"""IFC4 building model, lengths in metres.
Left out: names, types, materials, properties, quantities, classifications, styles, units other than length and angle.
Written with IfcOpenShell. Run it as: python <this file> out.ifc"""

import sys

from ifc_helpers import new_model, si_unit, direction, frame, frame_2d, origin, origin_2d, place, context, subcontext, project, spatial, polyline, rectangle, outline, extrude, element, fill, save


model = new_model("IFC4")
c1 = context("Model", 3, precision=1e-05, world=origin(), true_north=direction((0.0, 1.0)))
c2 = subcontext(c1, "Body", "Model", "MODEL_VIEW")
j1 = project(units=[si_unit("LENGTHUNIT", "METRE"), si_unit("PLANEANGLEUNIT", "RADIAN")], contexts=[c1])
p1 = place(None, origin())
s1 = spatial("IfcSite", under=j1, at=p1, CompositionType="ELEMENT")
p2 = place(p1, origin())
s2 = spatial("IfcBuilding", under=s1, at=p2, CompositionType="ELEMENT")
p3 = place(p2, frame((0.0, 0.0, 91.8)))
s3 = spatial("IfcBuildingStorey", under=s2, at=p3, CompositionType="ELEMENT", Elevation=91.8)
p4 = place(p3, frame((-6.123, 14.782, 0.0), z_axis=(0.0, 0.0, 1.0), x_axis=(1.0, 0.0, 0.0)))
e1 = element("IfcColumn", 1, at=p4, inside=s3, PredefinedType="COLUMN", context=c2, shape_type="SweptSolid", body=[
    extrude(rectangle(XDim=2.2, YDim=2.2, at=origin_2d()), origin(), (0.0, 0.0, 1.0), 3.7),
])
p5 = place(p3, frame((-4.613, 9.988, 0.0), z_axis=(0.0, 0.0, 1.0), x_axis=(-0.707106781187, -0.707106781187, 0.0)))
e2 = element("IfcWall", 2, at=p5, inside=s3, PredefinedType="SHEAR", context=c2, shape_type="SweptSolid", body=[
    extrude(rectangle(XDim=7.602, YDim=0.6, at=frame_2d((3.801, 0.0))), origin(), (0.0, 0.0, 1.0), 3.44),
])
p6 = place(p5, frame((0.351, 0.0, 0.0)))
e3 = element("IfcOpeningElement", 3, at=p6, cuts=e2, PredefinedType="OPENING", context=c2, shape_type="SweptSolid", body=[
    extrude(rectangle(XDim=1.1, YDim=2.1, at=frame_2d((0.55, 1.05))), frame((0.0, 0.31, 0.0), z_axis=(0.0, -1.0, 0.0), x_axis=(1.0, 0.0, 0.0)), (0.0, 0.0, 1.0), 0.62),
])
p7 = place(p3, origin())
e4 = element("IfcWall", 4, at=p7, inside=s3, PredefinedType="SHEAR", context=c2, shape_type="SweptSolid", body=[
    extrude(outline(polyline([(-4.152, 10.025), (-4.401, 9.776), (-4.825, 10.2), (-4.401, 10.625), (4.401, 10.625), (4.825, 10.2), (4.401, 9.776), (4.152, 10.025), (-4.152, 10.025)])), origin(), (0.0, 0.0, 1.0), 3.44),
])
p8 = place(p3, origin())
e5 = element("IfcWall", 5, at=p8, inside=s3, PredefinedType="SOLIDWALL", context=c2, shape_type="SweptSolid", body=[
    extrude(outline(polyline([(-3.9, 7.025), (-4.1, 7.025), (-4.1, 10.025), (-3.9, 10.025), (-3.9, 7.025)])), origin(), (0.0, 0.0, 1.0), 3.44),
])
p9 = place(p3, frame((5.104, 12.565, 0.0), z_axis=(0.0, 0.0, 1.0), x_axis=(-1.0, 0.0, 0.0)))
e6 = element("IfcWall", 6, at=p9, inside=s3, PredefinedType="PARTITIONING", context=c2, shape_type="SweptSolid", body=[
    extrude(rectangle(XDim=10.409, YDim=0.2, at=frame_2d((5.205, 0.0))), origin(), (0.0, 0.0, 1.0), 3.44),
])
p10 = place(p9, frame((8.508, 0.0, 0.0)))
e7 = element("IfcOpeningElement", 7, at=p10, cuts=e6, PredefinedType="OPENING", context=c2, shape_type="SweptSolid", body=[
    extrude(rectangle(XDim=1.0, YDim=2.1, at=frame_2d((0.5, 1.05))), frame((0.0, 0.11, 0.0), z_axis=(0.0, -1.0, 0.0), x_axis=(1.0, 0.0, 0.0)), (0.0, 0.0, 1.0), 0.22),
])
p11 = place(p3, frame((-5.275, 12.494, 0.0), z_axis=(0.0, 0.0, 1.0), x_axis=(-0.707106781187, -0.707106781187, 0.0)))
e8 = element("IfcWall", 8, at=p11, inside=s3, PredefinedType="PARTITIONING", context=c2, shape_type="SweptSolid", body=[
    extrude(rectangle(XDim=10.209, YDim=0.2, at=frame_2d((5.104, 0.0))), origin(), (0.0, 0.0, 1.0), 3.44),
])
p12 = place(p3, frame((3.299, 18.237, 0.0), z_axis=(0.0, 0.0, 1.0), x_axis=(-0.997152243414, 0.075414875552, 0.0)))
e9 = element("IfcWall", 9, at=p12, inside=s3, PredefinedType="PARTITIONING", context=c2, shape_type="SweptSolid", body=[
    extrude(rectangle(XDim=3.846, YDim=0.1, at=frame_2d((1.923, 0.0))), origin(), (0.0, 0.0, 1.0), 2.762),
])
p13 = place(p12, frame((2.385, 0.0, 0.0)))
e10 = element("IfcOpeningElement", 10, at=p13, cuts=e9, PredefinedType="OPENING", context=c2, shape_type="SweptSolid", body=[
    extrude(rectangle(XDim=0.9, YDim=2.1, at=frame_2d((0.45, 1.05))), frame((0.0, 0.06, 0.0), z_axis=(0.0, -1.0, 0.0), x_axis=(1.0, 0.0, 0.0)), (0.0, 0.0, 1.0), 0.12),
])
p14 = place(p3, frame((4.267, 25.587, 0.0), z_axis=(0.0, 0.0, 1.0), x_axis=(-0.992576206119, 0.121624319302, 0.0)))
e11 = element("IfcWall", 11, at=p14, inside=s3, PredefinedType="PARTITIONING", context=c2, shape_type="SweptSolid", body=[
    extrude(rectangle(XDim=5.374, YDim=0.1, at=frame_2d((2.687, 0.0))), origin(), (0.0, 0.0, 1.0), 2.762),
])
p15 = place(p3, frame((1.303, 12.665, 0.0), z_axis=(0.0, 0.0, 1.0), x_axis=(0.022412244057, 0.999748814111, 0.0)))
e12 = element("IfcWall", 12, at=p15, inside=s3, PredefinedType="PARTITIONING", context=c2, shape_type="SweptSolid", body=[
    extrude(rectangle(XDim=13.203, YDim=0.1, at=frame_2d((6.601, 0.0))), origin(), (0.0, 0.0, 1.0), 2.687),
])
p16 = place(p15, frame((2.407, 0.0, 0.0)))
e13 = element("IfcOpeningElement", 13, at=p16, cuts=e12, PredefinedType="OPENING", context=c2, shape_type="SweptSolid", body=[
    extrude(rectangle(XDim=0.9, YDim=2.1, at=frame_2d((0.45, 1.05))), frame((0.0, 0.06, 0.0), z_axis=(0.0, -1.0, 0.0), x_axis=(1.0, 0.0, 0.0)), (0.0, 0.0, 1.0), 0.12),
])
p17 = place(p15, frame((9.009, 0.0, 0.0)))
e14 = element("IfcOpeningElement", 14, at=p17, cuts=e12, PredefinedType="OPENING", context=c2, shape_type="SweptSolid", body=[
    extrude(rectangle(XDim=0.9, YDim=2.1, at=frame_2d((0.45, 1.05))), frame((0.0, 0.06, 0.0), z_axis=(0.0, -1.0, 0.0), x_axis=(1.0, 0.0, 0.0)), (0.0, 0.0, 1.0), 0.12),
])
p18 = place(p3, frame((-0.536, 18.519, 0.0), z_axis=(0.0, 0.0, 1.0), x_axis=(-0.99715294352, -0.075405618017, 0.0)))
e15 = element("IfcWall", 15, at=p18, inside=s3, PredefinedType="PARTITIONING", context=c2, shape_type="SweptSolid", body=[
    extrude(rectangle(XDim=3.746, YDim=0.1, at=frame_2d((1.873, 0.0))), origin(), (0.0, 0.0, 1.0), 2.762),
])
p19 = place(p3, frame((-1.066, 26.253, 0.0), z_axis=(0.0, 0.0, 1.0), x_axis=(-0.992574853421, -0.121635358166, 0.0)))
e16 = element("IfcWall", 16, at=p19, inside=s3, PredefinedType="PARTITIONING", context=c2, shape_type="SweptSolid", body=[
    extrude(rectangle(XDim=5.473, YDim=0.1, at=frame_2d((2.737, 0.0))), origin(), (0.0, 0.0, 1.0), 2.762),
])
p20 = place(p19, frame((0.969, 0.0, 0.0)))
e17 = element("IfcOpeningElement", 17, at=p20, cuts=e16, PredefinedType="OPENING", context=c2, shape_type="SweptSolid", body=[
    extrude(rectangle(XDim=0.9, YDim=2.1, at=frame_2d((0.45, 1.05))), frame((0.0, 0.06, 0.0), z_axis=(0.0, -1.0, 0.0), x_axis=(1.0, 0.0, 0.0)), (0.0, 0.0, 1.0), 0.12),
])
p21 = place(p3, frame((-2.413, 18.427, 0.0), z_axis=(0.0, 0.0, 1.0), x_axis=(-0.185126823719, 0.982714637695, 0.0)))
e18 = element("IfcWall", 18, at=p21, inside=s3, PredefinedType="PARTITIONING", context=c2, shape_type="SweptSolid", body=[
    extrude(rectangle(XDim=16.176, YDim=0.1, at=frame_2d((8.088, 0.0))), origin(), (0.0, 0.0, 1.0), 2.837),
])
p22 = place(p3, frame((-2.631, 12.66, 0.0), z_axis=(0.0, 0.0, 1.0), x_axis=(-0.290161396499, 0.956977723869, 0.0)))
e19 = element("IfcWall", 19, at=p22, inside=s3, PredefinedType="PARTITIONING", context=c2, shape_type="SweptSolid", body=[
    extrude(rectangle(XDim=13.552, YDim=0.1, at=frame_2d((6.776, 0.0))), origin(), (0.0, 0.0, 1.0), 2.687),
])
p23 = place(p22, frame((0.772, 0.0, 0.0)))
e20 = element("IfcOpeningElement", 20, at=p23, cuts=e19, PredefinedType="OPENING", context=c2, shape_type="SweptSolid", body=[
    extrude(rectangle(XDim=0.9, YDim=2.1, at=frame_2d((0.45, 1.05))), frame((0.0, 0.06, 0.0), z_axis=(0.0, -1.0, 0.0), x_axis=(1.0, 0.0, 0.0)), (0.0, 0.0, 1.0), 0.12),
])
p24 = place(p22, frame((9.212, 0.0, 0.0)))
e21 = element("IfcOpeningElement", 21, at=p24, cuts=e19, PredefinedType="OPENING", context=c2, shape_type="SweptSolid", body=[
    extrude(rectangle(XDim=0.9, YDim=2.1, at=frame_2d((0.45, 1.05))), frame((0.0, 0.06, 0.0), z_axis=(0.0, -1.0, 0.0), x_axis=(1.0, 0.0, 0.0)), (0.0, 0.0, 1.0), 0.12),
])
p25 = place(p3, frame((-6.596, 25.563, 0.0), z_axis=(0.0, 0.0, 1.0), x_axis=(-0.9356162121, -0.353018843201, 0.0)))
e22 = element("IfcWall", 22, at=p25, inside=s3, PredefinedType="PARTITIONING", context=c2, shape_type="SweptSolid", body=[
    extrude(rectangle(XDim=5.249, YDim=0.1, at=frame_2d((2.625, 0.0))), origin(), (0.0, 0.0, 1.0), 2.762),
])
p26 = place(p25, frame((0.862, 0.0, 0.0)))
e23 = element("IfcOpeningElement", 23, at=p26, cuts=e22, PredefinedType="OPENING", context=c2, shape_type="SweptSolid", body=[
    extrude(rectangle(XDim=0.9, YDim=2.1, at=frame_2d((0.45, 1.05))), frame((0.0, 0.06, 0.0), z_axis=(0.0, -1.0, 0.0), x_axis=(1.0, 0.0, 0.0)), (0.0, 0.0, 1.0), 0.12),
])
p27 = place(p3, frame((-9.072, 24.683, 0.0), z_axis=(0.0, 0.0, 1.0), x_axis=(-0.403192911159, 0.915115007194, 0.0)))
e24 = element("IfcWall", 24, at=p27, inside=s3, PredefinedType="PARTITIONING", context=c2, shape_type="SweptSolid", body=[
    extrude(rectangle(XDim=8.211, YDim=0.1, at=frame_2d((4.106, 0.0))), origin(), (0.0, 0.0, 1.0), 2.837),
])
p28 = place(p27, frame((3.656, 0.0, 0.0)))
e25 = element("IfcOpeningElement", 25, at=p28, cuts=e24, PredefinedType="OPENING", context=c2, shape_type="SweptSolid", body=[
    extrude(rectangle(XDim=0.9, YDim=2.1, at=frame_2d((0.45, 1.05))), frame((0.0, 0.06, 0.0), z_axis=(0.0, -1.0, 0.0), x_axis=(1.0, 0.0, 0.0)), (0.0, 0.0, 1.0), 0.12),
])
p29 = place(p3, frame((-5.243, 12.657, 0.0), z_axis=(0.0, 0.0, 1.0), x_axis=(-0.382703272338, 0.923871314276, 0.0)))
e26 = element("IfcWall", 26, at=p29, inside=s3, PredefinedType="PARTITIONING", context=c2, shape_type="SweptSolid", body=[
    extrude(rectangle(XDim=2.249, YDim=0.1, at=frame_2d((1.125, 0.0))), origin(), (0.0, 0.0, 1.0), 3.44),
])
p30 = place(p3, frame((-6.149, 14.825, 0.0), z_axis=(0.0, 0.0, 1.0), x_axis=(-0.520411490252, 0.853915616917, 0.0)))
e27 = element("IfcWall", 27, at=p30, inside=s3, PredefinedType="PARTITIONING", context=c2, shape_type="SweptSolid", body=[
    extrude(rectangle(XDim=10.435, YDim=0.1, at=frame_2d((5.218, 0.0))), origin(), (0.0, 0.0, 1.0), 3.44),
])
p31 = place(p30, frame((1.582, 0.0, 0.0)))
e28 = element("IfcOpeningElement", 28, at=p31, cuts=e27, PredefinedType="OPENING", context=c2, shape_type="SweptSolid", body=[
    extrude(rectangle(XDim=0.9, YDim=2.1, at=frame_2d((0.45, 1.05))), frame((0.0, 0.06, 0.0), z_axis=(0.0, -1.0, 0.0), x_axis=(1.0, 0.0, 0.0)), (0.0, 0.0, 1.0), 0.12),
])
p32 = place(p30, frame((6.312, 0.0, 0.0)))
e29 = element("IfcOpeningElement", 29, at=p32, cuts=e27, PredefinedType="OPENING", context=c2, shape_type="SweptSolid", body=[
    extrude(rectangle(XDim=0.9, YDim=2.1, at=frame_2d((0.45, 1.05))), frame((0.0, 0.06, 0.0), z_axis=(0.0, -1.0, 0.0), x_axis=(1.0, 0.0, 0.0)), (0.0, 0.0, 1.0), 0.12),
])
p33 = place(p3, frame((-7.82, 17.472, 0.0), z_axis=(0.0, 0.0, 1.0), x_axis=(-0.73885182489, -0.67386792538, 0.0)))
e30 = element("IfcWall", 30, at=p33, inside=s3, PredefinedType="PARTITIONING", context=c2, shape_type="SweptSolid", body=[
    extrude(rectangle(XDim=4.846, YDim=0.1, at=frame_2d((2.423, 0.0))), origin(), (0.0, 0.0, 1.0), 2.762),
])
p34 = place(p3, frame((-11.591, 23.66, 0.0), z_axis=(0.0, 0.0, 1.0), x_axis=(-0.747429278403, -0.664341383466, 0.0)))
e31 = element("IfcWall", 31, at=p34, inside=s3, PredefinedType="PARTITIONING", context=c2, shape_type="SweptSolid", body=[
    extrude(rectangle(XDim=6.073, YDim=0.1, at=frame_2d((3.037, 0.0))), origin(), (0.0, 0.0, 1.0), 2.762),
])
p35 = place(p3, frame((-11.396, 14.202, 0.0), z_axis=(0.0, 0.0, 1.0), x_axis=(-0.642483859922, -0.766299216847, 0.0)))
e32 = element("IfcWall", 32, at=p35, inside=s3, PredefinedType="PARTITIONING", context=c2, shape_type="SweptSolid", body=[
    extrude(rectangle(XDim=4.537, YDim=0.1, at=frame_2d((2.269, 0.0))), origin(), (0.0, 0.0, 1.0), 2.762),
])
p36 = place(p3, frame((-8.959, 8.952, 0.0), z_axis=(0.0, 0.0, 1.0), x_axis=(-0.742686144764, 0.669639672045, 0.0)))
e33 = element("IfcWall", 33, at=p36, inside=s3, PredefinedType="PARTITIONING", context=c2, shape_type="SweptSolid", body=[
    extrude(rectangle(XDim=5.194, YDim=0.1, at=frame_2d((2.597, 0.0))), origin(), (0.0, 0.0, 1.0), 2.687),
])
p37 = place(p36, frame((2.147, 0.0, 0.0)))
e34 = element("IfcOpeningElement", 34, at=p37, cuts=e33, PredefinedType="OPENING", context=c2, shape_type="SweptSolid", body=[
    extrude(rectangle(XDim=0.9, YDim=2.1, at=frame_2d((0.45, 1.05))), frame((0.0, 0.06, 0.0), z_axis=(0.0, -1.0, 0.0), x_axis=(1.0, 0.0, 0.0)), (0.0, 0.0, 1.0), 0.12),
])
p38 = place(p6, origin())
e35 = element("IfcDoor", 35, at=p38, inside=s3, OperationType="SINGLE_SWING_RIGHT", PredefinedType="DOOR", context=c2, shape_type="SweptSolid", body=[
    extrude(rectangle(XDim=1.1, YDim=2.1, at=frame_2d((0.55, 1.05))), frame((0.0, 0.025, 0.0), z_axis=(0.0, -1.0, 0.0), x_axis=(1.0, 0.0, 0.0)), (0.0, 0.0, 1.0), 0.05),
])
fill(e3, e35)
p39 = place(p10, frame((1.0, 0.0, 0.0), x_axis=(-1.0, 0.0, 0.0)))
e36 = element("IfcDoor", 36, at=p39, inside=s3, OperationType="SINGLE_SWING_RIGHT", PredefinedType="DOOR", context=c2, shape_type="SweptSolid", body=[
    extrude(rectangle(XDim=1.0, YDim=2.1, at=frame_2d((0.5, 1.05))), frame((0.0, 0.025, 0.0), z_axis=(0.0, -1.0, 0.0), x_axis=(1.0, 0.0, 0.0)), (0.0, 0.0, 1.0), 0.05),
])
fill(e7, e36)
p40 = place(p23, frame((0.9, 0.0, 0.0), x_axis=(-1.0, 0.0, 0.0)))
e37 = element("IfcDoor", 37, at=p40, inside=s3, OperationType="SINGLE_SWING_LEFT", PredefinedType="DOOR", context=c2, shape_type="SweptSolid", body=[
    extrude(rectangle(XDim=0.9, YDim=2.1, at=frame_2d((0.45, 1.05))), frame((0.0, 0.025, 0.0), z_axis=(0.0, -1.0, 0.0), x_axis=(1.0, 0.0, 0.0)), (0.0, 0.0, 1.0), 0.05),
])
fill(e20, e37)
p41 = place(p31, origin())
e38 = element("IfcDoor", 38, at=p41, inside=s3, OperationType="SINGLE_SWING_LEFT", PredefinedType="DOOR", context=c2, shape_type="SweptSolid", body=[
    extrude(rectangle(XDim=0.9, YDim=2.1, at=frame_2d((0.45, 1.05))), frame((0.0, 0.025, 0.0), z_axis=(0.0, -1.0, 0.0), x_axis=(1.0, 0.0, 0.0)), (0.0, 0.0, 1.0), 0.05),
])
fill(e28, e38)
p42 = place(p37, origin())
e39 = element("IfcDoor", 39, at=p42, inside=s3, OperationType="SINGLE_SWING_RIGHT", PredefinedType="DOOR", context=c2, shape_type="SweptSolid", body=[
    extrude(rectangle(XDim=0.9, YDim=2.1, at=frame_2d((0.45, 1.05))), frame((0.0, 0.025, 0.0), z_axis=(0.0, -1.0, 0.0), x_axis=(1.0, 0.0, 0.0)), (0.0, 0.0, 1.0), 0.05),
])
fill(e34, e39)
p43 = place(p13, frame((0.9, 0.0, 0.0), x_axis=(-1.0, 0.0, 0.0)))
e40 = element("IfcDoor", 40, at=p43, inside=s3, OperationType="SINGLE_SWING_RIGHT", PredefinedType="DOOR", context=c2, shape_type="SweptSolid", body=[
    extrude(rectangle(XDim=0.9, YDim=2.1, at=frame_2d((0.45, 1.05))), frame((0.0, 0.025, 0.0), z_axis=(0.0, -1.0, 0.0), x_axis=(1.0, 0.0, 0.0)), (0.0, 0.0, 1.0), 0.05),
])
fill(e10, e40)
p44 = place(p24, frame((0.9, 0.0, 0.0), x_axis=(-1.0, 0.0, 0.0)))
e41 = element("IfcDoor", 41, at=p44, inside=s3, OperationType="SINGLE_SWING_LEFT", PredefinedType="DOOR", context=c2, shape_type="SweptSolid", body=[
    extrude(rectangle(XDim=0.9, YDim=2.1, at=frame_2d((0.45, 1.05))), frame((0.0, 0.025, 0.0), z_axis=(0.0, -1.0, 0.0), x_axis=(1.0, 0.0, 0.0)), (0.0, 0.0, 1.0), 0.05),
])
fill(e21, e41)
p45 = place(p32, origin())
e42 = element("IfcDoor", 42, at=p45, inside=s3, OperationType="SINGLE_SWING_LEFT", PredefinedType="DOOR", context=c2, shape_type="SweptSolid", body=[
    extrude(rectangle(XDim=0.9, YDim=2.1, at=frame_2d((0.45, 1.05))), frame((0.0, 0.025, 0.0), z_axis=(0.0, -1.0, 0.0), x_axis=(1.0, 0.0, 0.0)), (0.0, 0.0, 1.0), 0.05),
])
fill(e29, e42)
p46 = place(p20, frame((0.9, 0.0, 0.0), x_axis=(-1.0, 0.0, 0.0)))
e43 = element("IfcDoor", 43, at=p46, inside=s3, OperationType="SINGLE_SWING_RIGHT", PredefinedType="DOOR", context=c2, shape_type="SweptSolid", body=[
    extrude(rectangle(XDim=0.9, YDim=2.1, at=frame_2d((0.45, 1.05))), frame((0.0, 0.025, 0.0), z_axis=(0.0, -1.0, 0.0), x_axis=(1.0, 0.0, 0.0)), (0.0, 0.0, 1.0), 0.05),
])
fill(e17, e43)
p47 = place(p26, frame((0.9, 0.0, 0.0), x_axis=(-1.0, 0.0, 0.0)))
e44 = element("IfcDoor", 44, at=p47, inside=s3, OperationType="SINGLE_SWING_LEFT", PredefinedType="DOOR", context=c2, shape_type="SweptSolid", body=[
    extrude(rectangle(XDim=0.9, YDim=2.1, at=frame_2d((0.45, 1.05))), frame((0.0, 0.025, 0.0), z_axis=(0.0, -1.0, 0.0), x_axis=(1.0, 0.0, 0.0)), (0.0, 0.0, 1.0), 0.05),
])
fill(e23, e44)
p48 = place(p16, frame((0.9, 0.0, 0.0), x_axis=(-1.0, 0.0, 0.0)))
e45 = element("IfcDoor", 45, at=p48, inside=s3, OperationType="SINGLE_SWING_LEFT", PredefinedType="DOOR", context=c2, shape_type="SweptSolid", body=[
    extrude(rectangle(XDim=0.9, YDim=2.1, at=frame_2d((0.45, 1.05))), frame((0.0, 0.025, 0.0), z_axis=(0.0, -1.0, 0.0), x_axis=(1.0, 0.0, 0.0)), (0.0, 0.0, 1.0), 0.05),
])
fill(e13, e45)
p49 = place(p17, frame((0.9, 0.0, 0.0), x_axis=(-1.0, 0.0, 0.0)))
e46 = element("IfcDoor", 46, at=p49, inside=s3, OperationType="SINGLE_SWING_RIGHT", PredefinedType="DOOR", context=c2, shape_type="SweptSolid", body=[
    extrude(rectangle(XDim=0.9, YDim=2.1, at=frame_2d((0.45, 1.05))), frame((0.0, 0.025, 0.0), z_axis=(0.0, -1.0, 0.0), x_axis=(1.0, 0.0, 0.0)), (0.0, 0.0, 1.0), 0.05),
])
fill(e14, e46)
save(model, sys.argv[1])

◆ ◆ ◆ ◆

**Your task**
Only lines that contain the string "subcontext" count; pick each one out of the records and copy it.

**Output for this exercise**
from ifc_helpers import new_model, si_unit, direction, frame, frame_2d, origin, origin_2d, place, context, subcontext, project, spatial, polyline, rectangle, outline, extrude, element, fill, save
c2 = subcontext(c1, "Body", "Model", "MODEL_VIEW")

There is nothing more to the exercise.